● **Your assignment**: Read through the listing, and wherever a line holds the word "project", return it.

● **Source information**:
◆ ◆ ◆

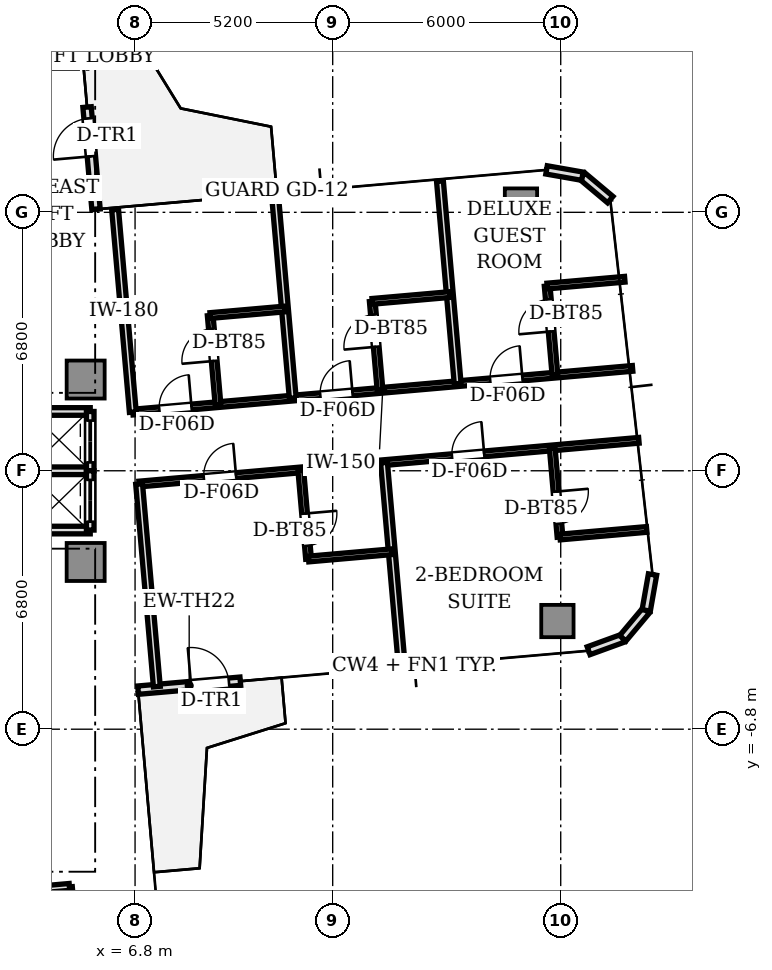
"""IFC4 building model, lengths in metres.
Left out: names, types, materials, properties, quantities, classifications, styles, units other than length and angle.
Written with IfcOpenShell. Run it as: python <this file> out.ifc"""

import sys

from ifc_helpers import new_model, si_unit, direction, frame, frame_2d, origin, origin_2d, place, context, subcontext, project, spatial, rectangle, extrude, source, transform, mapped, element, fill, save


model = new_model("IFC4")
c1 = context("Model", 3, precision=1e-05, world=origin(), true_north=direction((0.0, 1.0)))
c2 = subcontext(c1, "Body", "Model", "MODEL_VIEW")
j1 = project(units=[si_unit("LENGTHUNIT", "METRE"), si_unit("PLANEANGLEUNIT", "RADIAN")], contexts=[c1])
p1 = place(None, origin())
s1 = spatial("IfcSite", under=j1, at=p1, CompositionType="ELEMENT")
p2 = place(p1, origin())
s2 = spatial("IfcBuilding", under=s1, at=p2, CompositionType="ELEMENT")
p3 = place(p2, frame((0.0, 0.0, 191.95)))
s3 = spatial("IfcBuildingStorey", under=s2, at=p3, CompositionType="ELEMENT", Elevation=191.95)
m1 = source(origin(), c2, "Body", "SweptSolid", [
    extrude(rectangle(XDim=1.0, YDim=1.0, at=origin_2d()), origin(), (0.0, 0.0, 1.0), 3.11),
])
for number, where, z_axis, x_axis in (
    (1, (5.5, 2.4, 0.0), (0.0, 0.0, 1.0), (1.0, 0.0, 0.0)),
    (2, (5.5, -2.4, 0.0), (0.0, 0.0, 1.0), (1.0, 0.0, 0.0)),
):
    element("IfcColumn", number, at=place(p3, frame(where, z_axis=z_axis, x_axis=x_axis)), inside=s3, PredefinedType="COLUMN", context=c2, shape_type="MappedRepresentation", body=[
        mapped(m1, transform((0.0, 0.0, 0.0), scale=1.0)),
    ])
m2 = source(origin(), c2, "Body", "SweptSolid", [
    extrude(rectangle(XDim=0.85, YDim=0.85, at=origin_2d()), origin(), (0.0, 0.0, 1.0), 3.11),
])
for number, where, z_axis, x_axis in (
    (3, (17.913, -3.954, 0.0), (0.0, 0.0, 1.0), (1.0, 0.0, 0.0)),
    (4, (16.954, 7.004, 0.0), (0.0, 0.0, 1.0), (1.0, 0.0, 0.0)),
):
    element("IfcColumn", number, at=place(p3, frame(where, z_axis=z_axis, x_axis=x_axis)), inside=s3, PredefinedType="COLUMN", context=c2, shape_type="MappedRepresentation", body=[
        mapped(m2, transform((0.0, 0.0, 0.0), scale=1.0)),
    ])
p4 = place(p3, frame((6.879, -5.772, 0.0), z_axis=(0.0, 0.0, 1.0), x_axis=(0.996193619346, 0.087168071984, 0.0)))
e5 = element("IfcWall", 5, at=p4, inside=s3, PredefinedType="STANDARD", context=c2, shape_type="SweptSolid", body=[
    extrude(rectangle(XDim=2.7, YDim=0.22, at=frame_2d((1.35, 0.0))), origin(), (0.0, 0.0, 1.0), 3.11),
])
p5 = place(p4, frame((1.4, 0.0, 0.0)))
e6 = element("IfcOpeningElement", 6, at=p5, cuts=e5, PredefinedType="OPENING", context=c2, shape_type="SweptSolid", body=[
    extrude(rectangle(XDim=1.0, YDim=2.2, at=frame_2d((0.5, 1.1))), frame((0.0, 0.12, 0.0), z_axis=(0.0, -1.0, 0.0), x_axis=(1.0, 0.0, 0.0)), (0.0, 0.0, 1.0), 0.24),
])
p6 = place(p3, frame((18.734, -4.735, 0.0), z_axis=(0.0, 0.0, 1.0), x_axis=(0.939741306239, 0.34188635151, 0.0)))
e7 = element("IfcWall", 7, at=p6, inside=s3, PredefinedType="STANDARD", context=c2, shape_type="SweptSolid", body=[
    extrude(rectangle(XDim=0.958, YDim=0.22, at=frame_2d((0.479, 0.0))), origin(), (0.0, 0.0, 1.0), 3.11),
])
for number, where, z_axis, x_axis in (
    (8, (19.634, -4.408, 0.0), (0.0, 0.0, 1.0), (0.643, 0.766, 0.0)),
    (9, (20.25, -3.674, 0.0), (0.0, 0.0, 1.0), (0.174, 0.985, 0.0)),
):
    element("IfcWall", number, at=place(p3, frame(where, z_axis=z_axis, x_axis=x_axis)), inside=s3, PredefinedType="STANDARD", context=c2, shape_type="SweptSolid", body=[
        extrude(rectangle(XDim=0.958, YDim=0.22, at=frame_2d((0.479, 0.0))), origin(), (0.0, 0.0, 1.0), 3.11),
    ])
p7 = place(p3, frame((19.304, 7.135, 0.0), z_axis=(0.0, 0.0, 1.0), x_axis=(-0.766001159887, 0.642839189107, 0.0)))
e10 = element("IfcWall", 10, at=p7, inside=s3, PredefinedType="STANDARD", context=c2, shape_type="SweptSolid", body=[
    extrude(rectangle(XDim=0.958, YDim=0.22, at=frame_2d((0.479, 0.0))), origin(), (0.0, 0.0, 1.0), 3.11),
])
p8 = place(p3, frame((18.57, 7.75, 0.0), z_axis=(0.0, 0.0, 1.0), x_axis=(-0.984770724397, 0.173858046606, 0.0)))
e11 = element("IfcWall", 11, at=p8, inside=s3, PredefinedType="STANDARD", context=c2, shape_type="SweptSolid", body=[
    extrude(rectangle(XDim=0.958, YDim=0.22, at=frame_2d((0.479, 0.0))), origin(), (0.0, 0.0, 1.0), 3.11),
])
p9 = place(p3, frame((5.772, 6.879, 0.0), z_axis=(0.0, 0.0, 1.0), x_axis=(-0.087168071984, 0.996193619346, 0.0)))
e12 = element("IfcWall", 12, at=p9, inside=s3, PredefinedType="STANDARD", context=c2, shape_type="SweptSolid", body=[
    extrude(rectangle(XDim=2.7, YDim=0.22, at=frame_2d((1.35, 0.0))), origin(), (0.0, 0.0, 1.0), 3.11),
])
p10 = place(p9, frame((1.4, 0.0, 0.0)))
e13 = element("IfcOpeningElement", 13, at=p10, cuts=e12, PredefinedType="OPENING", context=c2, shape_type="SweptSolid", body=[
    extrude(rectangle(XDim=1.0, YDim=2.2, at=frame_2d((0.5, 1.1))), frame((0.0, 0.12, 0.0), z_axis=(0.0, -1.0, 0.0), x_axis=(1.0, 0.0, 0.0)), (0.0, 0.0, 1.0), 0.24),
])
for number, where, z_axis, x_axis in (
    (14, (3.98, 1.56, 0.0), (0.0, 0.0, 1.0), (1.0, 0.0, 0.0)),
    (15, (3.98, -1.56, 0.0), (0.0, 0.0, 1.0), (1.0, 0.0, 0.0)),
    (16, (3.98, 0.0, 0.0), (0.0, 0.0, 1.0), (1.0, 0.0, 0.0)),
):
    element("IfcWall", number, at=place(p3, frame(where, z_axis=z_axis, x_axis=x_axis)), inside=s3, PredefinedType="SOLIDWALL", context=c2, shape_type="SweptSolid", body=[
        extrude(rectangle(XDim=1.64, YDim=0.2, at=frame_2d((0.82, 0.0))), origin(), (0.0, 0.0, 1.0), 2.66),
    ])
p11 = place(p3, frame((5.62, 0.0, 0.0), z_axis=(0.0, 0.0, 1.0), x_axis=(0.0, 1.0, 0.0)))
e17 = element("IfcWall", 17, at=p11, inside=s3, PredefinedType="SOLIDWALL", context=c2, shape_type="SweptSolid", body=[
    extrude(rectangle(XDim=1.56, YDim=0.2, at=frame_2d((0.78, 0.0))), origin(), (0.0, 0.0, 1.0), 2.66),
])
p12 = place(p11, frame((0.22, 0.0, 0.0)))
e18 = element("IfcOpeningElement", 18, at=p12, cuts=e17, PredefinedType="OPENING", context=c2, shape_type="SweptSolid", body=[
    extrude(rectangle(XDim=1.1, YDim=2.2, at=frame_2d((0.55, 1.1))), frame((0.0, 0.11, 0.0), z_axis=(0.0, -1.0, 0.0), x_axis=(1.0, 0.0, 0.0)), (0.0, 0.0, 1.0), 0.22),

◆ ◆ ◆

● **Reply**:
from ifc_helpers import new_model, si_unit, direction, frame, frame_2d, origin, origin_2d, place, context, subcontext, project, spatial, rectangle, extrude, source, transform, mapped, element, fill, save
j1 = project(units=[si_unit("LENGTHUNIT", "METRE"), si_unit("PLANEANGLEUNIT", "RADIAN")], contexts=[c1])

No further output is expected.